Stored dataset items

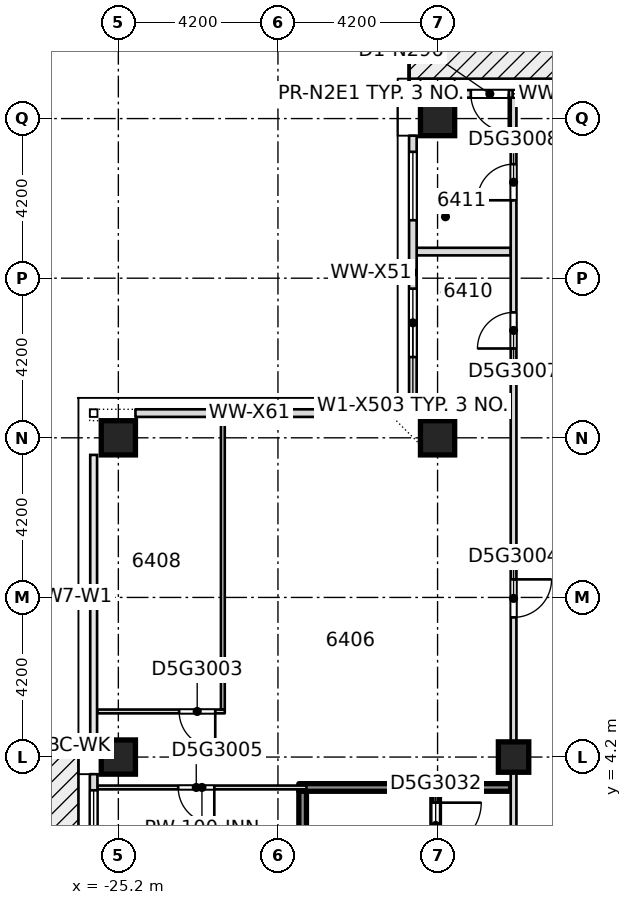
"""IFC4 building model, lengths in metres.
Left out: names, types, materials, properties, quantities, classifications, styles, units other than length and angle.
Written with IfcOpenShell. Run it as: python <this file> out.ifc"""

import sys

from ifc_helpers import new_model, si_unit, direction, frame, frame_2d, origin, origin_2d, place, context, subcontext, project, spatial, rectangle, extrude, element, fill, save


model = new_model("IFC4")
c1 = context("Model", 3, precision=1e-05, world=origin(), true_north=direction((0.0, 1.0)))
c2 = subcontext(c1, "Body", "Model", "MODEL_VIEW")
j1 = project(units=[si_unit("LENGTHUNIT", "METRE"), si_unit("PLANEANGLEUNIT", "RADIAN")], contexts=[c1])
p1 = place(None, origin())
s1 = spatial("IfcSite", under=j1, at=p1, CompositionType="ELEMENT")
p2 = place(p1, origin())
s2 = spatial("IfcBuilding", under=s1, at=p2, CompositionType="ELEMENT")
p3 = place(p2, frame((0.0, 0.0, 244.15)))
s3 = spatial("IfcBuildingStorey", under=s2, at=p3, CompositionType="ELEMENT", Elevation=244.15)
for number, where, z_axis, x_axis in (
    (1, (-25.2, 4.2, -0.4), (0.0, 0.0, 1.0), (1.0, 0.0, 0.0)),
    (2, (-25.2, 12.6, -0.4), (0.0, 0.0, 1.0), (1.0, 0.0, 0.0)),
    (3, (-16.8, 12.6, -0.4), (0.0, 0.0, 1.0), (1.0, 0.0, 0.0)),
    (4, (-16.8, 21.0, -0.4), (0.0, 0.0, 1.0), (1.0, 0.0, 0.0)),
):
    element("IfcColumn", number, at=place(p3, frame(where, z_axis=z_axis, x_axis=x_axis)), inside=s3, PredefinedType="COLUMN", context=c2, shape_type="SweptSolid", body=[
        extrude(rectangle(XDim=0.9, YDim=0.9, at=origin_2d()), origin(), (0.0, 0.0, 1.0), 3.45),
    ])
p4 = place(p3, frame((-14.8, 4.2, -0.4), z_axis=(0.0, 0.0, 1.0), x_axis=(1.0, 0.0, 0.0)))
e5 = element("IfcColumn", 5, at=p4, inside=s3, PredefinedType="COLUMN", context=c2, shape_type="SweptSolid", body=[
    extrude(rectangle(XDim=0.8, YDim=0.8, at=origin_2d()), origin(), (0.0, 0.0, 1.0), 3.45),
])
p5 = place(p3, frame((-25.75, 3.4, 0.0), z_axis=(0.0, 0.0, 1.0), x_axis=(1.0, 0.0, 0.0)))
e6 = element("IfcWall", 6, at=p5, inside=s3, PredefinedType="PARTITIONING", context=c2, shape_type="SweptSolid", body=[
    extrude(rectangle(XDim=5.5, YDim=0.1, at=frame_2d((2.75, 0.0))), origin(), (0.0, 0.0, 1.0), 3.05),
])
p6 = place(p5, frame((2.125, 0.0, 0.0)))
e7 = element("IfcOpeningElement", 7, at=p6, cuts=e6, PredefinedType="OPENING", context=c2, shape_type="SweptSolid", body=[
    extrude(rectangle(XDim=0.95, YDim=2.1, at=frame_2d((0.475, 1.05))), frame((0.0, 0.06, 0.0), z_axis=(0.0, -1.0, 0.0), x_axis=(1.0, 0.0, 0.0)), (0.0, 0.0, 1.0), 0.12),
])
p7 = place(p3, frame((-20.45, 3.4, 0.0), z_axis=(0.0, 0.0, 1.0), x_axis=(1.0, 0.0, 0.0)))
e8 = element("IfcWall", 8, at=p7, inside=s3, PredefinedType="SOLIDWALL", context=c2, shape_type="SweptSolid", body=[
    extrude(rectangle(XDim=5.575, YDim=0.2, at=frame_2d((2.788, 0.0))), origin(), (0.0, 0.0, 1.0), 3.05),
])
p8 = place(p3, frame((-25.75, 5.4, 0.0), z_axis=(0.0, 0.0, 1.0), x_axis=(1.0, 0.0, 0.0)))
e9 = element("IfcWall", 9, at=p8, inside=s3, PredefinedType="PARTITIONING", context=c2, shape_type="SweptSolid", body=[
    extrude(rectangle(XDim=3.35, YDim=0.1, at=frame_2d((1.675, 0.0))), origin(), (0.0, 0.0, 1.0), 3.05),
])
p9 = place(p8, frame((2.15, 0.0, 0.0)))
e10 = element("IfcOpeningElement", 10, at=p9, cuts=e9, PredefinedType="OPENING", context=c2, shape_type="SweptSolid", body=[
    extrude(rectangle(XDim=0.95, YDim=2.1, at=frame_2d((0.475, 1.05))), frame((0.0, 0.06, 0.0), z_axis=(0.0, -1.0, 0.0), x_axis=(1.0, 0.0, 0.0)), (0.0, 0.0, 1.0), 0.12),
])
for number, where, z_axis, x_axis in (
    (11, (-17.35, 13.35, 0.0), (0.0, 0.0, 1.0), (1.0, 0.0, 0.0)),
    (12, (-17.35, 17.5, 0.0), (0.0, 0.0, 1.0), (1.0, 0.0, 0.0)),
):
    element("IfcWall", number, at=place(p3, frame(where, z_axis=z_axis, x_axis=x_axis)), inside=s3, PredefinedType="PARTITIONING", context=c2, shape_type="SweptSolid", body=[
        extrude(rectangle(XDim=2.475, YDim=0.2, at=frame_2d((1.238, 0.0))), origin(), (0.0, 0.0, 1.0), 3.05),
    ])
p10 = place(p3, frame((-22.45, 5.45, 0.0), z_axis=(0.0, 0.0, 1.0), x_axis=(0.0, 1.0, 0.0)))
e13 = element("IfcWall", 13, at=p10, inside=s3, PredefinedType="PARTITIONING", context=c2, shape_type="SweptSolid", body=[
    extrude(rectangle(XDim=7.7, YDim=0.1, at=frame_2d((3.85, 0.0))), origin(), (0.0, 0.0, 1.0), 3.05),
])
p11 = place(p3, frame((-20.35, -0.53, 0.0), z_axis=(0.0, 0.0, 1.0), x_axis=(0.0, 1.0, 0.0)))
e14 = element("IfcWall", 14, at=p11, inside=s3, PredefinedType="SOLIDWALL", context=c2, shape_type="SweptSolid", body=[
    extrude(rectangle(XDim=3.83, YDim=0.2, at=frame_2d((1.915, 0.0))), origin(), (0.0, 0.0, 1.0), 3.05),
])
p12 = place(p3, frame((-16.85, -3.3, 0.0), z_axis=(0.0, 0.0, 1.0), x_axis=(0.0, 1.0, 0.0)))
e15 = element("IfcWall", 15, at=p12, inside=s3, PredefinedType="SOLIDWALL", context=c2, shape_type="SweptSolid", body=[
    extrude(rectangle(XDim=6.6, YDim=0.2, at=frame_2d((3.3, 0.0))), origin(), (0.0, 0.0, 1.0), 3.05),
])
p13 = place(p12, frame((5.1, 0.0, 0.0)))
e16 = element("IfcOpeningElement", 16, at=p13, cuts=e15, PredefinedType="OPENING", context=c2, shape_type="SweptSolid", body=[
    extrude(rectangle(XDim=1.2, YDim=2.1, at=frame_2d((0.6, 1.05))), frame((0.0, 0.11, 0.0), z_axis=(0.0, -1.0, 0.0), x_axis=(1.0, 0.0, 0.0)), (0.0, 0.0, 1.0), 0.22),
])
p14 = place(p3, frame((-14.8, -9.85, 0.0), z_axis=(0.0, 0.0, 1.0), x_axis=(0.0, 1.0, 0.0)))
e17 = element("IfcWall", 17, at=p14, inside=s3, PredefinedType="PARTITIONING", context=c2, shape_type="SweptSolid", body=[
    extrude(rectangle(XDim=31.4, YDim=0.15, at=frame_2d((15.7, 0.0))), origin(), (0.0, 0.0, 1.0), 3.05),
])
p15 = place(p14, frame((0.3, 0.0, 0.0)))
e18 = element("IfcOpeningElement", 18, at=p15, cuts=e17, PredefinedType="OPENING", context=c2, shape_type="SweptSolid", body=[
    extrude(rectangle(XDim=0.95, YDim=2.1, at=frame_2d((0.475, 1.05))), frame((0.0, 0.085, 0.0), z_axis=(0.0, -1.0, 0.0), x_axis=(1.0, 0.0, 0.0)), (0.0, 0.0, 1.0), 0.17),
])
p16 = place(p14, frame((17.725, 0.0, 0.0)))
e19 = element("IfcOpeningElement", 19, at=p16, cuts=e17, PredefinedType="OPENING", context=c2, shape_type="SweptSolid", body=[
    extrude(rectangle(XDim=1.0, YDim=2.1, at=frame_2d((0.5, 1.05))), frame((0.0, 0.085, 0.0), z_axis=(0.0, -1.0, 0.0), x_axis=(1.0, 0.0, 0.0)), (0.0, 0.0, 1.0), 0.17),
])
p17 = place(p14, frame((24.8, 0.0, 0.0)))
e20 = element("IfcOpeningElement", 20, at=p17, cuts=e17, PredefinedType="OPENING", context=c2, shape_type="SweptSolid", body=[
    extrude(rectangle(XDim=0.95, YDim=2.1, at=frame_2d((0.475, 1.05))), frame((0.0, 0.085, 0.0), z_axis=(0.0, -1.0, 0.0), x_axis=(1.0, 0.0, 0.0)), (0.0, 0.0, 1.0), 0.17),
])
p18 = place(p14, frame((28.7, 0.0, 0.0)))
e21 = element("IfcOpeningElement", 21, at=p18, cuts=e17, PredefinedType="OPENING", context=c2, shape_type="SweptSolid", body=[
    extrude(rectangle(XDim=0.95, YDim=2.1, at=frame_2d((0.475, 1.05))), frame((0.0, 0.085, 0.0), z_axis=(0.0, -1.0, 0.0), x_axis=(1.0, 0.0, 0.0)), (0.0, 0.0, 1.0), 0.17),
])
p19 = place(p14, frame((9.3, 0.0, 0.0)))
e22 = element("IfcOpeningElement", 22, at=p19, cuts=e17, PredefinedType="OPENING", context=c2, shape_type="SweptSolid", body=[
    extrude(rectangle(XDim=1.1, YDim=2.1, at=frame_2d((0.55, 1.05))), frame((0.0, 0.085, 0.0), z_axis=(0.0, -1.0, 0.0), x_axis=(1.0, 0.0, 0.0)), (0.0, 0.0, 1.0), 0.17),
])
p20 = place(p14, frame((4.15, 0.0, 0.0)))
e23 = element("IfcOpeningElement", 23, at=p20, cuts=e17, PredefinedType="OPENING", context=c2, shape_type="SweptSolid", body=[
    extrude(rectangle(XDim=1.0, YDim=2.1, at=frame_2d((0.5, 1.05))), frame((0.0, 0.085, 0.0), z_axis=(0.0, -1.0, 0.0), x_axis=(1.0, 0.0, 0.0)), (0.0, 0.0, 1.0), 0.17),
])
p21 = place(p3, frame((-12.6, 21.65, 0.0), z_axis=(0.0, 0.0, 1.0), x_axis=(-1.0, 0.0, 0.0)))
e24 = element("IfcWall", 24, at=p21, inside=s3, PredefinedType="STANDARD", context=c2, shape_type="SweptSolid", body=[
    extrude(rectangle(XDim=3.75, YDim=0.2, at=frame_2d((1.875, 0.0))), origin(), (0.0, 0.0, 1.0), 3.05),
])
p22 = place(p21, frame((0.425, 0.0, 0.2)))
e25 = element("IfcOpeningElement", 25, at=p22, cuts=e24, PredefinedType="OPENING", context=c2, shape_type="SweptSolid", body=[
    extrude(rectangle(XDim=1.8, YDim=2.65, at=frame_2d((0.9, 1.325))), frame((0.0, 0.11, 0.0), z_axis=(0.0, -1.0, 0.0), x_axis=(1.0, 0.0, 0.0)), (0.0, 0.0, 1.0), 0.22),
])
p23 = place(p21, frame((2.325, 0.0, 0.0)))
e26 = element("IfcOpeningElement", 26, at=p23, cuts=e24, PredefinedType="OPENING", context=c2, shape_type="SweptSolid", body=[
    extrude(rectangle(XDim=1.0, YDim=2.4, at=frame_2d((0.5, 1.2))), frame((0.0, 0.11, 0.0), z_axis=(0.0, -1.0, 0.0), x_axis=(1.0, 0.0, 0.0)), (0.0, 0.0, 1.0), 0.22),
])
p24 = place(p3, frame((-17.45, 20.55, 0.0), z_axis=(0.0, 0.0, 1.0), x_axis=(0.0, -1.0, 0.0)))
e27 = element("IfcWall", 27, at=p24, inside=s3, PredefinedType="STANDARD", context=c2, shape_type="SweptSolid", body=[
    extrude(rectangle(XDim=7.2, YDim=0.2, at=frame_2d((3.6, 0.0))), origin(), (0.0, 0.0, 1.0), 3.05),
])
p25 = place(p24, frame((4.025, 0.0, 0.2)))
e28 = element("IfcOpeningElement", 28, at=p25, cuts=e27, PredefinedType="OPENING", context=c2, shape_type="SweptSolid", body=[
    extrude(rectangle(XDim=1.8, YDim=2.65, at=frame_2d((0.9, 1.325))), frame((0.0, 0.11, 0.0), z_axis=(0.0, -1.0, 0.0), x_axis=(1.0, 0.0, 0.0)), (0.0, 0.0, 1.0), 0.22),
])
p26 = place(p24, frame((0.425, 0.0, 0.2)))
e29 = element("IfcOpeningElement", 29, at=p26, cuts=e27, PredefinedType="OPENING", context=c2, shape_type="SweptSolid", body=[
    extrude(rectangle(XDim=1.8, YDim=2.65, at=frame_2d((0.9, 1.325))), frame((0.0, 0.11, 0.0), z_axis=(0.0, -1.0, 0.0), x_axis=(1.0, 0.0, 0.0)), (0.0, 0.0, 1.0), 0.22),
])
p27 = place(p3, frame((-17.55, 13.25, 0.0), z_axis=(0.0, 0.0, 1.0), x_axis=(-1.0, 0.0, 0.0)))
e30 = element("IfcWall", 30, at=p27, inside=s3, PredefinedType="STANDARD", context=c2, shape_type="SweptSolid", body=[
    extrude(rectangle(XDim=7.2, YDim=0.2, at=frame_2d((3.6, 0.0))), origin(), (0.0, 0.0, 1.0), 3.05),
])
p28 = place(p3, frame((-25.85, 3.75, 0.0), z_axis=(0.0, 0.0, 1.0), x_axis=(0.0, -1.0, 0.0)))
e31 = element("IfcWall", 31, at=p28, inside=s3, PredefinedType="STANDARD", context=c2, shape_type="SweptSolid", body=[
    extrude(rectangle(XDim=7.5, YDim=0.2, at=frame_2d((3.75, 0.0))), origin(), (0.0, 0.0, 1.0), 3.05),
])
p29 = place(p28, frame((4.175, 0.0, 0.2)))
e32 = element("IfcOpeningElement", 32, at=p29, cuts=e31, PredefinedType="OPENING", context=c2, shape_type="SweptSolid", body=[
    extrude(rectangle(XDim=1.8, YDim=2.65, at=frame_2d((0.9, 1.325))), frame((0.0, 0.11, 0.0), z_axis=(0.0, -1.0, 0.0), x_axis=(1.0, 0.0, 0.0)), (0.0, 0.0, 1.0), 0.22),
])
p30 = place(p28, frame((6.025, 0.0, 0.0)))
e33 = element("IfcOpeningElement", 33, at=p30, cuts=e31, PredefinedType="OPENING", context=c2, shape_type="SweptSolid", body=[
    extrude(rectangle(XDim=1.0, YDim=2.4, at=frame_2d((0.5, 1.2))), frame((0.0, 0.11, 0.0), z_axis=(0.0, -1.0, 0.0), x_axis=(1.0, 0.0, 0.0)), (0.0, 0.0, 1.0), 0.22),
])
p31 = place(p28, frame((0.425, 0.0, 0.2)))
e34 = element("IfcOpeningElement", 34, at=p31, cuts=e31, PredefinedType="OPENING", context=c2, shape_type="SweptSolid", body=[
    extrude(rectangle(XDim=1.8, YDim=2.65, at=frame_2d((0.9, 1.325))), frame((0.0, 0.11, 0.0), z_axis=(0.0, -1.0, 0.0), x_axis=(1.0, 0.0, 0.0)), (0.0, 0.0, 1.0), 0.22),
])
p32 = place(p28, frame((2.325, 0.0, 0.0)))
e35 = element("IfcOpeningElement", 35, at=p32, cuts=e31, PredefinedType="OPENING", context=c2, shape_type="SweptSolid", body=[
    extrude(rectangle(XDim=1.0, YDim=2.4, at=frame_2d((0.5, 1.2))), frame((0.0, 0.11, 0.0), z_axis=(0.0, -1.0, 0.0), x_axis=(1.0, 0.0, 0.0)), (0.0, 0.0, 1.0), 0.22),
])
p33 = place(p9, origin())
e36 = element("IfcDoor", 36, at=p33, inside=s3, OperationType="SINGLE_SWING_RIGHT", PredefinedType="DOOR", context=c2, shape_type="SweptSolid", body=[
    extrude(rectangle(XDim=0.95, YDim=2.1, at=frame_2d((0.475, 1.05))), frame((0.0, 0.025, 0.0), z_axis=(0.0, -1.0, 0.0), x_axis=(1.0, 0.0, 0.0)), (0.0, 0.0, 1.0), 0.05),
])
fill(e10, e36)
p34 = place(p16, origin())
e37 = element("IfcDoor", 37, at=p34, inside=s3, OperationType="SINGLE_SWING_RIGHT", PredefinedType="DOOR", context=c2, shape_type="SweptSolid", body=[
    extrude(rectangle(XDim=1.0, YDim=2.1, at=frame_2d((0.5, 1.05))), frame((0.0, 0.025, 0.0), z_axis=(0.0, -1.0, 0.0), x_axis=(1.0, 0.0, 0.0)), (0.0, 0.0, 1.0), 0.05),
])
fill(e19, e37)
p35 = place(p6, origin())
e38 = element("IfcDoor", 38, at=p35, inside=s3, OperationType="SINGLE_SWING_LEFT", PredefinedType="DOOR", context=c2, shape_type="SweptSolid", body=[
    extrude(rectangle(XDim=0.95, YDim=2.1, at=frame_2d((0.475, 1.05))), frame((0.0, 0.025, 0.0), z_axis=(0.0, -1.0, 0.0), x_axis=(1.0, 0.0, 0.0)), (0.0, 0.0, 1.0), 0.05),
])
fill(e7, e38)
p36 = place(p17, origin())
e39 = element("IfcDoor", 39, at=p36, inside=s3, OperationType="SINGLE_SWING_LEFT", PredefinedType="DOOR", context=c2, shape_type="SweptSolid", body=[
    extrude(rectangle(XDim=0.95, YDim=2.1, at=frame_2d((0.475, 1.05))), frame((0.0, 0.025, 0.0), z_axis=(0.0, -1.0, 0.0), x_axis=(1.0, 0.0, 0.0)), (0.0, 0.0, 1.0), 0.05),
])
fill(e20, e39)
p37 = place(p18, origin())
e40 = element("IfcDoor", 40, at=p37, inside=s3, OperationType="SINGLE_SWING_LEFT", PredefinedType="DOOR", context=c2, shape_type="SweptSolid", body=[
    extrude(rectangle(XDim=0.95, YDim=2.1, at=frame_2d((0.475, 1.05))), frame((0.0, 0.025, 0.0), z_axis=(0.0, -1.0, 0.0), x_axis=(1.0, 0.0, 0.0)), (0.0, 0.0, 1.0), 0.05),
])
fill(e21, e40)
p38 = place(p13, origin())
e41 = element("IfcDoor", 41, at=p38, inside=s3, OperationType="SINGLE_SWING_RIGHT", PredefinedType="DOOR", context=c2, shape_type="SweptSolid", body=[
    extrude(rectangle(XDim=1.2, YDim=2.1, at=frame_2d((0.6, 1.05))), frame((0.0, 0.025, 0.0), z_axis=(0.0, -1.0, 0.0), x_axis=(1.0, 0.0, 0.0)), (0.0, 0.0, 1.0), 0.05),
])
fill(e16, e41)
p39 = place(p22, origin())
e42 = element("IfcWindow", 42, at=p39, inside=s3, PartitioningType="SINGLE_PANEL", PredefinedType="WINDOW", context=c2, shape_type="SweptSolid", body=[
    extrude(rectangle(XDim=1.8, YDim=2.65, at=frame_2d((0.9, 1.325))), frame((0.0, 0.03, 0.0), z_axis=(0.0, -1.0, 0.0), x_axis=(1.0, 0.0, 0.0)), (0.0, 0.0, 1.0), 0.06),
])
fill(e25, e42)
p40 = place(p23, origin())
e43 = element("IfcDoor", 43, at=p40, inside=s3, OperationType="SINGLE_SWING_LEFT", PredefinedType="DOOR", context=c2, shape_type="SweptSolid", body=[
    extrude(rectangle(XDim=1.0, YDim=2.4, at=frame_2d((0.5, 1.2))), frame((0.0, 0.025, 0.0), z_axis=(0.0, -1.0, 0.0), x_axis=(1.0, 0.0, 0.0)), (0.0, 0.0, 1.0), 0.05),
])
fill(e26, e43)
p41 = place(p25, origin())
e44 = element("IfcWindow", 44, at=p41, inside=s3, PartitioningType="SINGLE_PANEL", PredefinedType="WINDOW", context=c2, shape_type="SweptSolid", body=[
    extrude(rectangle(XDim=1.8, YDim=2.65, at=frame_2d((0.9, 1.325))), frame((0.0, 0.03, 0.0), z_axis=(0.0, -1.0, 0.0), x_axis=(1.0, 0.0, 0.0)), (0.0, 0.0, 1.0), 0.06),
])
fill(e28, e44)
p42 = place(p26, origin())
e45 = element("IfcWindow", 45, at=p42, inside=s3, PartitioningType="SINGLE_PANEL", PredefinedType="WINDOW", context=c2, shape_type="SweptSolid", body=[
    extrude(rectangle(XDim=1.8, YDim=2.65, at=frame_2d((0.9, 1.325))), frame((0.0, 0.03, 0.0), z_axis=(0.0, -1.0, 0.0), x_axis=(1.0, 0.0, 0.0)), (0.0, 0.0, 1.0), 0.06),
])
fill(e29, e45)
p43 = place(p31, origin())
e46 = element("IfcWindow", 46, at=p43, inside=s3, PartitioningType="SINGLE_PANEL", PredefinedType="WINDOW", context=c2, shape_type="SweptSolid", body=[
    extrude(rectangle(XDim=1.8, YDim=2.65, at=frame_2d((0.9, 1.325))), frame((0.0, 0.03, 0.0), z_axis=(0.0, -1.0, 0.0), x_axis=(1.0, 0.0, 0.0)), (0.0, 0.0, 1.0), 0.06),
])
fill(e34, e46)
save(model, sys.argv[1])

WHAT IS EXPECTED
Among the entries above, how many lines have the string "units" in them? Only the number should be given.

ANSWER SECTION
2